==== Extracted information
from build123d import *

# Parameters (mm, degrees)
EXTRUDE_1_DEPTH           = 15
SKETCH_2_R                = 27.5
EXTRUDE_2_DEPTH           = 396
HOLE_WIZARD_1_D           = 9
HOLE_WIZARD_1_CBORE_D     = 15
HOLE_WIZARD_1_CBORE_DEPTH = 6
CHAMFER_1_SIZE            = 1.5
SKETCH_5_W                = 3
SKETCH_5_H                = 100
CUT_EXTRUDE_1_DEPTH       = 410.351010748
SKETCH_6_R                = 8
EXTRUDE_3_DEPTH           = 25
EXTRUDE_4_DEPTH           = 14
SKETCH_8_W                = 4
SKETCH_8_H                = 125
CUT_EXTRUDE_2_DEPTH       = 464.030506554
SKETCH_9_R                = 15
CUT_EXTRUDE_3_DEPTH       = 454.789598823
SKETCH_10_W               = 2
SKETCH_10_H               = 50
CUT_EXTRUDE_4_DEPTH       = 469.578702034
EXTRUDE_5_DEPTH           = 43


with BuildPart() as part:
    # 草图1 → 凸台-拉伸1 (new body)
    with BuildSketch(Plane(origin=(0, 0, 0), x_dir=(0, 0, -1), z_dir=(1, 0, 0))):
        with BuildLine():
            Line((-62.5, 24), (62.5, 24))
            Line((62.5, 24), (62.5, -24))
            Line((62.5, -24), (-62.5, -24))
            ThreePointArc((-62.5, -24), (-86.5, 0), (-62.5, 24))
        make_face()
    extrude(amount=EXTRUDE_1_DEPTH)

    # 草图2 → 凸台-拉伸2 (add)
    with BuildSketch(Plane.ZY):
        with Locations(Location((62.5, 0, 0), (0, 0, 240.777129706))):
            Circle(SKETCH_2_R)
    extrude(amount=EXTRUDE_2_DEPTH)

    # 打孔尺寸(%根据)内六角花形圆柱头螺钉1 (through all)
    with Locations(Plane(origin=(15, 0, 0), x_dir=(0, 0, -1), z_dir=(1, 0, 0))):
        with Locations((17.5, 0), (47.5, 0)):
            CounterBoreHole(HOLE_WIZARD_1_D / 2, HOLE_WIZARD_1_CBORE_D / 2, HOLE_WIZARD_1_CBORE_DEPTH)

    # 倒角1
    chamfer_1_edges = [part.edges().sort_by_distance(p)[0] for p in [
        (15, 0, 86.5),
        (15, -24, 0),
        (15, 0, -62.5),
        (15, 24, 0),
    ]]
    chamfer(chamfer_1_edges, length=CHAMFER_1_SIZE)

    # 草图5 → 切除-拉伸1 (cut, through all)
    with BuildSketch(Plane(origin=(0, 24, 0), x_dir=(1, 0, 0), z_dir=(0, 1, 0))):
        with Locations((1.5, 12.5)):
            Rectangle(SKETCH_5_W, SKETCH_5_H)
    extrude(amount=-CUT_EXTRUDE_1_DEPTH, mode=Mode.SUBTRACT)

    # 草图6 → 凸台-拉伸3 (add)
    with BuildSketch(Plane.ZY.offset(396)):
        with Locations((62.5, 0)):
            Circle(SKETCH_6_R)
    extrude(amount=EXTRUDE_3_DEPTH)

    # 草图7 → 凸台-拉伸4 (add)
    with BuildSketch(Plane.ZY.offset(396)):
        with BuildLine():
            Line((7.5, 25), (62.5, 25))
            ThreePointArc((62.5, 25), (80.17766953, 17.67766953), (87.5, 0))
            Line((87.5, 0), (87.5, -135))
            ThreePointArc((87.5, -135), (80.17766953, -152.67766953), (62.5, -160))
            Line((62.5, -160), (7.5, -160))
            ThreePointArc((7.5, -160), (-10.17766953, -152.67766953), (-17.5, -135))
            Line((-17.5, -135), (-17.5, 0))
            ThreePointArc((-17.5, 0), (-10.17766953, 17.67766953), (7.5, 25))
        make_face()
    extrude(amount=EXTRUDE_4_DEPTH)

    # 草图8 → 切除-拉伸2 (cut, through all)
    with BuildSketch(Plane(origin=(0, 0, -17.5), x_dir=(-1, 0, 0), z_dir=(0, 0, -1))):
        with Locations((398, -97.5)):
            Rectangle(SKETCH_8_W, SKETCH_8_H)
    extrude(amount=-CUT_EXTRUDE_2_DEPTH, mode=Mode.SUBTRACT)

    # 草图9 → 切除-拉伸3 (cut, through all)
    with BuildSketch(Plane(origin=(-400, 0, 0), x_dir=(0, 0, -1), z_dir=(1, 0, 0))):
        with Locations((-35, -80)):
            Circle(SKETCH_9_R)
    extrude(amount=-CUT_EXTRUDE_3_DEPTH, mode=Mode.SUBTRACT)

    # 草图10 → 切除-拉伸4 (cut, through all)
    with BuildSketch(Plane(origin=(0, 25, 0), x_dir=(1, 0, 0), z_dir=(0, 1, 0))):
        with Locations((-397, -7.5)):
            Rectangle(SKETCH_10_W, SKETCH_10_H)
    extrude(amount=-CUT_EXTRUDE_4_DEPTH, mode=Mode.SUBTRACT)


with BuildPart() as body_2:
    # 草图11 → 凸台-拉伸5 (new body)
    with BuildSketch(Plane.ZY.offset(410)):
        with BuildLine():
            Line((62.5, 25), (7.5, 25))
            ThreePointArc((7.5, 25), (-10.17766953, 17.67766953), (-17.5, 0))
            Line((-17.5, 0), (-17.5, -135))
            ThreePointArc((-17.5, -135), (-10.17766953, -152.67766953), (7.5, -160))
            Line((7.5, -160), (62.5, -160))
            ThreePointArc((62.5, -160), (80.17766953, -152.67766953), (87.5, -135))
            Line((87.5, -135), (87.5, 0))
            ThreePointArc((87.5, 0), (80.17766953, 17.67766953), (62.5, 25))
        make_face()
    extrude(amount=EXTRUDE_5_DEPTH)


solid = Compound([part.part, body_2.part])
========
Copy the records. Each line should match exactly.

from build123d import *

# Parameters (mm, degrees)
EXTRUDE_1_DEPTH           = 15
SKETCH_2_R                = 27.5
EXTRUDE_2_DEPTH           = 396
HOLE_WIZARD_1_D           = 9
HOLE_WIZARD_1_CBORE_D     = 15
HOLE_WIZARD_1_CBORE_DEPTH = 6
CHAMFER_1_SIZE            = 1.5
SKETCH_5_W                = 3
SKETCH_5_H                = 100
CUT_EXTRUDE_1_DEPTH       = 410.351010748
SKETCH_6_R                = 8
EXTRUDE_3_DEPTH           = 25
EXTRUDE_4_DEPTH           = 14
SKETCH_8_W                = 4
SKETCH_8_H                = 125
CUT_EXTRUDE_2_DEPTH       = 464.030506554
SKETCH_9_R                = 15
CUT_EXTRUDE_3_DEPTH       = 454.789598823
SKETCH_10_W               = 2
SKETCH_10_H               = 50
CUT_EXTRUDE_4_DEPTH       = 469.578702034
EXTRUDE_5_DEPTH           = 43


with BuildPart() as part:
    # 草图1 → 凸台-拉伸1 (new body)
    with BuildSketch(Plane(origin=(0, 0, 0), x_dir=(0, 0, -1), z_dir=(1, 0, 0))):
        with BuildLine():
            Line((-62.5, 24), (62.5, 24))
            Line((62.5, 24), (62.5, -24))
            Line((62.5, -24), (-62.5, -24))
            ThreePointArc((-62.5, -24), (-86.5, 0), (-62.5, 24))
        make_face()
    extrude(amount=EXTRUDE_1_DEPTH)

    # 草图2 → 凸台-拉伸2 (add)
    with BuildSketch(Plane.ZY):
        with Locations(Location((62.5, 0, 0), (0, 0, 240.777129706))):
            Circle(SKETCH_2_R)
    extrude(amount=EXTRUDE_2_DEPTH)

    # 打孔尺寸(%根据)内六角花形圆柱头螺钉1 (through all)
    with Locations(Plane(origin=(15, 0, 0), x_dir=(0, 0, -1), z_dir=(1, 0, 0))):
        with Locations((17.5, 0), (47.5, 0)):
            CounterBoreHole(HOLE_WIZARD_1_D / 2, HOLE_WIZARD_1_CBORE_D / 2, HOLE_WIZARD_1_CBORE_DEPTH)

    # 倒角1
    chamfer_1_edges = [part.edges().sort_by_distance(p)[0] for p in [
        (15, 0, 86.5),
        (15, -24, 0),
        (15, 0, -62.5),
        (15, 24, 0),
    ]]
    chamfer(chamfer_1_edges, length=CHAMFER_1_SIZE)

    # 草图5 → 切除-拉伸1 (cut, through all)
    with BuildSketch(Plane(origin=(0, 24, 0), x_dir=(1, 0, 0), z_dir=(0, 1, 0))):
        with Locations((1.5, 12.5)):
            Rectangle(SKETCH_5_W, SKETCH_5_H)
    extrude(amount=-CUT_EXTRUDE_1_DEPTH, mode=Mode.SUBTRACT)

    # 草图6 → 凸台-拉伸3 (add)
    with BuildSketch(Plane.ZY.offset(396)):
        with Locations((62.5, 0)):
            Circle(SKETCH_6_R)
    extrude(amount=EXTRUDE_3_DEPTH)

    # 草图7 → 凸台-拉伸4 (add)
    with BuildSketch(Plane.ZY.offset(396)):
        with BuildLine():
            Line((7.5, 25), (62.5, 25))
            ThreePointArc((62.5, 25), (80.17766953, 17.67766953), (87.5, 0))
            Line((87.5, 0), (87.5, -135))
            ThreePointArc((87.5, -135), (80.17766953, -152.67766953), (62.5, -160))
            Line((62.5, -160), (7.5, -160))
            ThreePointArc((7.5, -160), (-10.17766953, -152.67766953), (-17.5, -135))
            Line((-17.5, -135), (-17.5, 0))
            ThreePointArc((-17.5, 0), (-10.17766953, 17.67766953), (7.5, 25))
        make_face()
    extrude(amount=EXTRUDE_4_DEPTH)

    # 草图8 → 切除-拉伸2 (cut, through all)
    with BuildSketch(Plane(origin=(0, 0, -17.5), x_dir=(-1, 0, 0), z_dir=(0, 0, -1))):
        with Locations((398, -97.5)):
            Rectangle(SKETCH_8_W, SKETCH_8_H)
    extrude(amount=-CUT_EXTRUDE_2_DEPTH, mode=Mode.SUBTRACT)

    # 草图9 → 切除-拉伸3 (cut, through all)
    with BuildSketch(Plane(origin=(-400, 0, 0), x_dir=(0, 0, -1), z_dir=(1, 0, 0))):
        with Locations((-35, -80)):
            Circle(SKETCH_9_R)
    extrude(amount=-CUT_EXTRUDE_3_DEPTH, mode=Mode.SUBTRACT)

    # 草图10 → 切除-拉伸4 (cut, through all)
    with BuildSketch(Plane(origin=(0, 25, 0), x_dir=(1, 0, 0), z_dir=(0, 1, 0))):
        with Locations((-397, -7.5)):
            Rectangle(SKETCH_10_W, SKETCH_10_H)
    extrude(amount=-CUT_EXTRUDE_4_DEPTH, mode=Mode.SUBTRACT)


with BuildPart() as body_2:
    # 草图11 → 凸台-拉伸5 (new body)
    with BuildSketch(Plane.ZY.offset(410)):
        with BuildLine():
            Line((62.5, 25), (7.5, 25))
            ThreePointArc((7.5, 25), (-10.17766953, 17.67766953), (-17.5, 0))
            Line((-17.5, 0), (-17.5, -135))
            ThreePointArc((-17.5, -135), (-10.17766953, -152.67766953), (7.5, -160))
            Line((7.5, -160), (62.5, -160))
            ThreePointArc((62.5, -160), (80.17766953, -152.67766953), (87.5, -135))
            Line((87.5, -135), (87.5, 0))
            ThreePointArc((87.5, 0), (80.17766953, 17.67766953), (62.5, 25))
        make_face()
    extrude(amount=EXTRUDE_5_DEPTH)


solid = Compound([part.part, body_2.part])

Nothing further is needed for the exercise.